## Problem statement
Write out the entries exactly, pictures excluded.

## Records
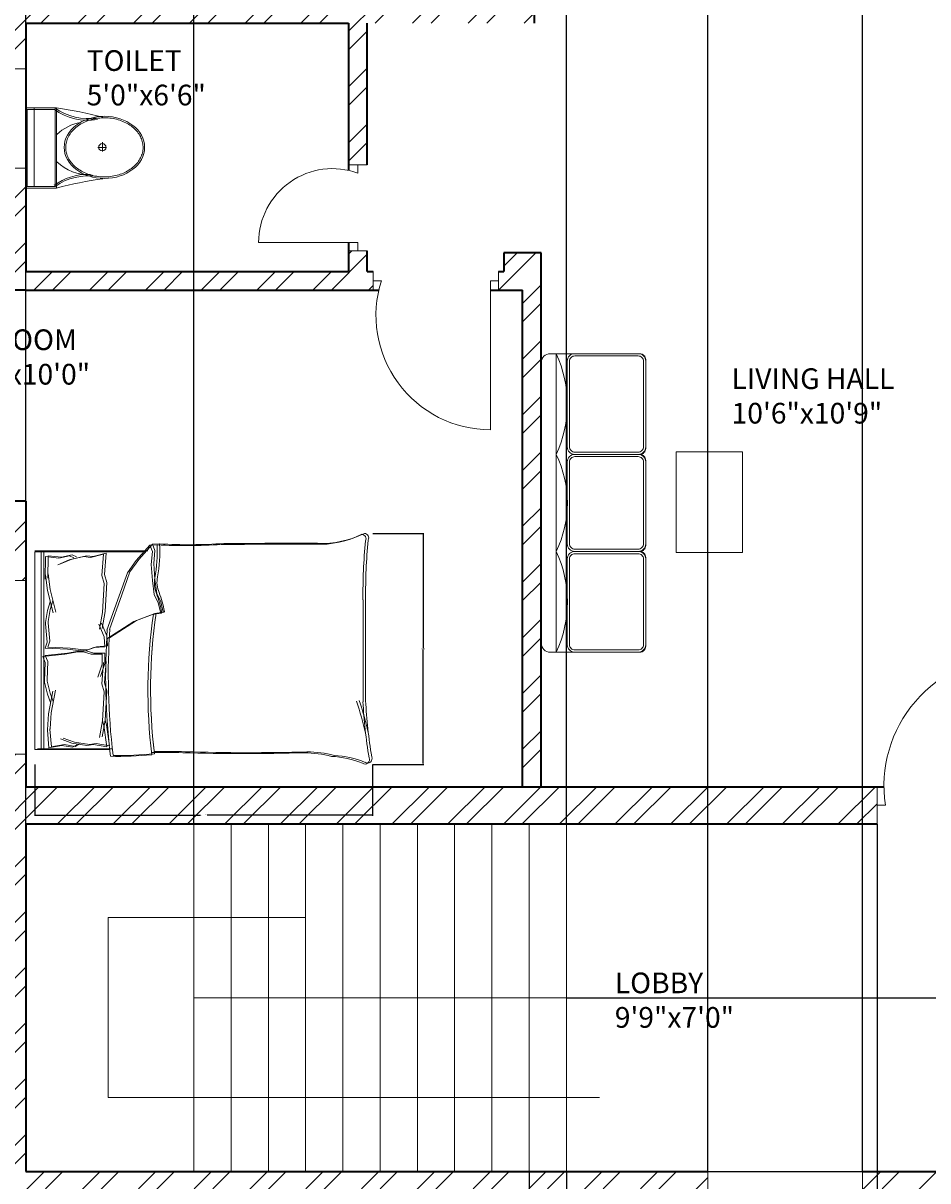
# Model space of a CAD drawing. Units: inches. Extents: x 1513 to 2170, y 1240 to 2288.
# Tile 8 of 10: x 1623 to 1842, y 1801 to 2081. Entities that reach past the tile are written whole.
import ezdxf

# ---------------------------------------------------------------- set-up
doc = ezdxf.new("R2010")
doc.units = ezdxf.units.IN
for name, color, linetype, lineweight in [('A-ANNO-DIMS', 2, 'Continuous', 18), ('A-AREA-IDEN', 7, 'Continuous', 18), ('A-DOOR', 3, 'Continuous', 18), ('A-FLOR-FIXT', 9, 'Continuous', 18), ('A-FLOR-STRS', 7, 'Continuous', 18), ('A-FURN', 8, 'Continuous', 18), ('A-GLAZ', 4, 'Continuous', 18), ('A-WALL', 7, 'Continuous', 35), ('A-WALL-PATT', 252, 'Continuous', 13)]:
    doc.layers.add(name, color=color, linetype=linetype, lineweight=lineweight)
doc.styles.get("Standard").update_dxf_attribs({"font": 'arial.ttf'})
doc.dimstyles.get("Standard").update_dxf_attribs({"dimtxt": 0.18, "dimasz": 0.18, "dimexe": 0.18, "dimexo": 0.0625, "dimgap": 0.09, "dimtad": 0, "dimtih": 1, "dimtoh": 1, "dimdec": 4, "dimzin": 0, "dimdsep": 46, "dimtxsty": 'Standard', "dimcen": 0.09, "dimadec": 0, "dimazin": 0, "dimtfac": 1, "dimtdec": 4, "dimtofl": 0, "dimtmove": 0, "dimatfit": 3, "dimfxl": 1, "dimtolj": 1, "dimtzin": 0, "dimarcsym": 0})

# ---------------------------------------------------------------- blocks, each defined once
blk = doc.blocks.new('A$C31115884')
for p, q in [((283.1, 497.7), (223.4, 497.7)), ((257.5, 466.4), (257.5, 523.2)), ((0, 200), (0, 0)), ((520, 200), (0, 200)), ((10, 190), (10, 10)), ((510, 190), (10, 190)), ((510, 10), (510, 190)), ((520, 0), (520, 200)), ((510, 54.5), (0, 54.5)), ((10, 10), (510, 10)), ((0, 0), (520, 0))]:
    blk.add_line(p, q)
blk.add_circle((255.6, 496.4), 23.6)
for centre, radius, start, end in [((2777.7, -204.6), 2807, 165.4549, 171.71327), ((-294.5, 403.3), 364.7, 324.20913, 9.34987), ((-294.5, 403.3), 374.7, 324.20913, 9.34987), ((805.8, 403.3), 364.7, 170.65013, 215.79087), ((3237, 905), 2807, 188.28673, 194.5451), ((139.5, 406.2), 293.5, 315.84364, 2.65635), ((805.8, 403.3), 374.7, 179.20365, 215.79087), ((383.6, 406.2), 293.5, 190.27735, 224.15636)]:
    blk.add_arc(centre, radius, start, end)
blk.add_ellipse((256.2, 509.9), major_axis=(0, -260.7), ratio=0.772727)
blk.add_open_spline([(256.2, 259.2), (263.1, 259.2), (270, 259.7), (287.8, 262.3), (298.7, 265.1), (319.9, 273.1), (330.2, 278.4), (350.1, 291.1), (359.7, 298.7), (377.7, 315.9), (386.2, 325.5), (401.7, 346.6), (408.8, 358.1), (421.3, 382.5), (426.8, 395.5), (435.9, 422.4), (439.5, 436.4), (444.8, 465.1), (446.5, 479.7), (447.9, 509.2), (447.6, 524), (445, 553.3), (442.7, 567.8), (436.3, 596), (432.1, 609.7), (421.9, 636), (416, 648.6), (402.5, 672.1), (395, 683), (378.6, 703), (369.8, 712.1), (351.1, 728), (341.3, 734.8), (320.9, 746.2), (310.4, 750.7), (288.9, 757.3), (278, 759.4), (256, 761), (245, 760.6), (223.1, 757.2), (212.3, 754.3), (191.1, 746.1), (180.8, 740.7), (160.9, 727.8), (151.4, 720.1), (133.5, 702.7), (125.1, 693), (109.6, 671.7), (102.6, 660.2), (90.2, 635.7), (84.9, 622.7), (76, 595.6), (72.4, 581.6), (67.2, 552.9), (65.6, 538.2), (64.4, 508.8), (64.8, 494), (67.5, 464.7), (69.9, 450.2), (76.6, 422), (80.8, 408.3), (91.1, 382.2), (97.2, 369.7), (110.8, 346.3), (118.4, 335.4), (134.8, 315.6), (143.7, 306.7), (162.4, 290.9), (172.3, 284.2), (192.8, 273), (203.3, 268.6), (224.8, 262.2), (235.8, 260.2), (249.9, 259.3), (253, 259.2), (256.2, 259.2)], degree=3, knots=[0, 0, 0, 0, 0.110105, 0.110105, 0.285049, 0.285049, 0.459994, 0.459994, 0.634938, 0.634938, 0.809882, 0.809882, 0.984827, 0.984827, 1.159771, 1.159771, 1.334715, 1.334715, 1.50966, 1.50966, 1.684604, 1.684604, 1.859549, 1.859549, 2.034493, 2.034493, 2.209437, 2.209437, 2.384382, 2.384382, 2.559326, 2.559326, 2.73427, 2.73427, 2.909215, 2.909215, 3.084159, 3.084159, 3.259103, 3.259103, 3.434048, 3.434048, 3.608992, 3.608992, 3.783936, 3.783936, 3.958881, 3.958881, 4.133825, 4.133825, 4.30877, 4.30877, 4.483714, 4.483714, 4.658658, 4.658658, 4.833603, 4.833603, 5.008547, 5.008547, 5.183491, 5.183491, 5.358436, 5.358436, 5.53338, 5.53338, 5.708324, 5.708324, 5.883269, 5.883269, 6.058213, 6.058213, 6.233158, 6.233158, 6.283185, 6.283185, 6.283185, 6.283185])
blk = doc.blocks.new('BED-DOUBLE')
for p, q in [((30.13, 53.18), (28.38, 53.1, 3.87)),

## Written answer
# Model space of a CAD drawing. Units: inches. Extents: x 1513 to 2170, y 1240 to 2288.
# Tile 8 of 10: x 1623 to 1842, y 1801 to 2081. Entities that reach past the tile are written whole.
import ezdxf

# ---------------------------------------------------------------- set-up
doc = ezdxf.new("R2010")
doc.units = ezdxf.units.IN
for name, color, linetype, lineweight in [('A-ANNO-DIMS', 2, 'Continuous', 18), ('A-AREA-IDEN', 7, 'Continuous', 18), ('A-DOOR', 3, 'Continuous', 18), ('A-FLOR-FIXT', 9, 'Continuous', 18), ('A-FLOR-STRS', 7, 'Continuous', 18), ('A-FURN', 8, 'Continuous', 18), ('A-GLAZ', 4, 'Continuous', 18), ('A-WALL', 7, 'Continuous', 35), ('A-WALL-PATT', 252, 'Continuous', 13)]:
    doc.layers.add(name, color=color, linetype=linetype, lineweight=lineweight)
doc.styles.get("Standard").update_dxf_attribs({"font": 'arial.ttf'})
doc.dimstyles.get("Standard").update_dxf_attribs({"dimtxt": 0.18, "dimasz": 0.18, "dimexe": 0.18, "dimexo": 0.0625, "dimgap": 0.09, "dimtad": 0, "dimtih": 1, "dimtoh": 1, "dimdec": 4, "dimzin": 0, "dimdsep": 46, "dimtxsty": 'Standard', "dimcen": 0.09, "dimadec": 0, "dimazin": 0, "dimtfac": 1, "dimtdec": 4, "dimtofl": 0, "dimtmove": 0, "dimatfit": 3, "dimfxl": 1, "dimtolj": 1, "dimtzin": 0, "dimarcsym": 0})

# ---------------------------------------------------------------- blocks, each defined once
blk = doc.blocks.new('A$C31115884')
for p, q in [((283.1, 497.7), (223.4, 497.7)), ((257.5, 466.4), (257.5, 523.2)), ((0, 200), (0, 0)), ((520, 200), (0, 200)), ((10, 190), (10, 10)), ((510, 190), (10, 190)), ((510, 10), (510, 190)), ((520, 0), (520, 200)), ((510, 54.5), (0, 54.5)), ((10, 10), (510, 10)), ((0, 0), (520, 0))]:
    blk.add_line(p, q)
blk.add_circle((255.6, 496.4), 23.6)
for centre, radius, start, end in [((2777.7, -204.6), 2807, 165.4549, 171.71327), ((-294.5, 403.3), 364.7, 324.20913, 9.34987), ((-294.5, 403.3), 374.7, 324.20913, 9.34987), ((805.8, 403.3), 364.7, 170.65013, 215.79087), ((3237, 905), 2807, 188.28673, 194.5451), ((139.5, 406.2), 293.5, 315.84364, 2.65635), ((805.8, 403.3), 374.7, 179.20365, 215.79087), ((383.6, 406.2), 293.5, 190.27735, 224.15636)]:
    blk.add_arc(centre, radius, start, end)
blk.add_ellipse((256.2, 509.9), major_axis=(0, -260.7), ratio=0.772727)
blk.add_open_spline([(256.2, 259.2), (263.1, 259.2), (270, 259.7), (287.8, 262.3), (298.7, 265.1), (319.9, 273.1), (330.2, 278.4), (350.1, 291.1), (359.7, 298.7), (377.7, 315.9), (386.2, 325.5), (401.7, 346.6), (408.8, 358.1), (421.3, 382.5), (426.8, 395.5), (435.9, 422.4), (439.5, 436.4), (444.8, 465.1), (446.5, 479.7), (447.9, 509.2), (447.6, 524), (445, 553.3), (442.7, 567.8), (436.3, 596), (432.1, 609.7), (421.9, 636), (416, 648.6), (402.5, 672.1), (395, 683), (378.6, 703), (369.8, 712.1), (351.1, 728), (341.3, 734.8), (320.9, 746.2), (310.4, 750.7), (288.9, 757.3), (278, 759.4), (256, 761), (245, 760.6), (223.1, 757.2), (212.3, 754.3), (191.1, 746.1), (180.8, 740.7), (160.9, 727.8), (151.4, 720.1), (133.5, 702.7), (125.1, 693), (109.6, 671.7), (102.6, 660.2), (90.2, 635.7), (84.9, 622.7), (76, 595.6), (72.4, 581.6), (67.2, 552.9), (65.6, 538.2), (64.4, 508.8), (64.8, 494), (67.5, 464.7), (69.9, 450.2), (76.6, 422), (80.8, 408.3), (91.1, 382.2), (97.2, 369.7), (110.8, 346.3), (118.4, 335.4), (134.8, 315.6), (143.7, 306.7), (162.4, 290.9), (172.3, 284.2), (192.8, 273), (203.3, 268.6), (224.8, 262.2), (235.8, 260.2), (249.9, 259.3), (253, 259.2), (256.2, 259.2)], degree=3, knots=[0, 0, 0, 0, 0.110105, 0.110105, 0.285049, 0.285049, 0.459994, 0.459994, 0.634938, 0.634938, 0.809882, 0.809882, 0.984827, 0.984827, 1.159771, 1.159771, 1.334715, 1.334715, 1.50966, 1.50966, 1.684604, 1.684604, 1.859549, 1.859549, 2.034493, 2.034493, 2.209437, 2.209437, 2.384382, 2.384382, 2.559326, 2.559326, 2.73427, 2.73427, 2.909215, 2.909215, 3.084159, 3.084159, 3.259103, 3.259103, 3.434048, 3.434048, 3.608992, 3.608992, 3.783936, 3.783936, 3.958881, 3.958881, 4.133825, 4.133825, 4.30877, 4.30877, 4.483714, 4.483714, 4.658658, 4.658658, 4.833603, 4.833603, 5.008547, 5.008547, 5.183491, 5.183491, 5.358436, 5.358436, 5.53338, 5.53338, 5.708324, 5.708324, 5.883269, 5.883269, 6.058213, 6.058213, 6.233158, 6.233158, 6.283185, 6.283185, 6.283185, 6.283185])
blk = doc.blocks.new('BED-DOUBLE')
for p, q in [((30.13, 53.18), (28.38, 53.1, 3.87)),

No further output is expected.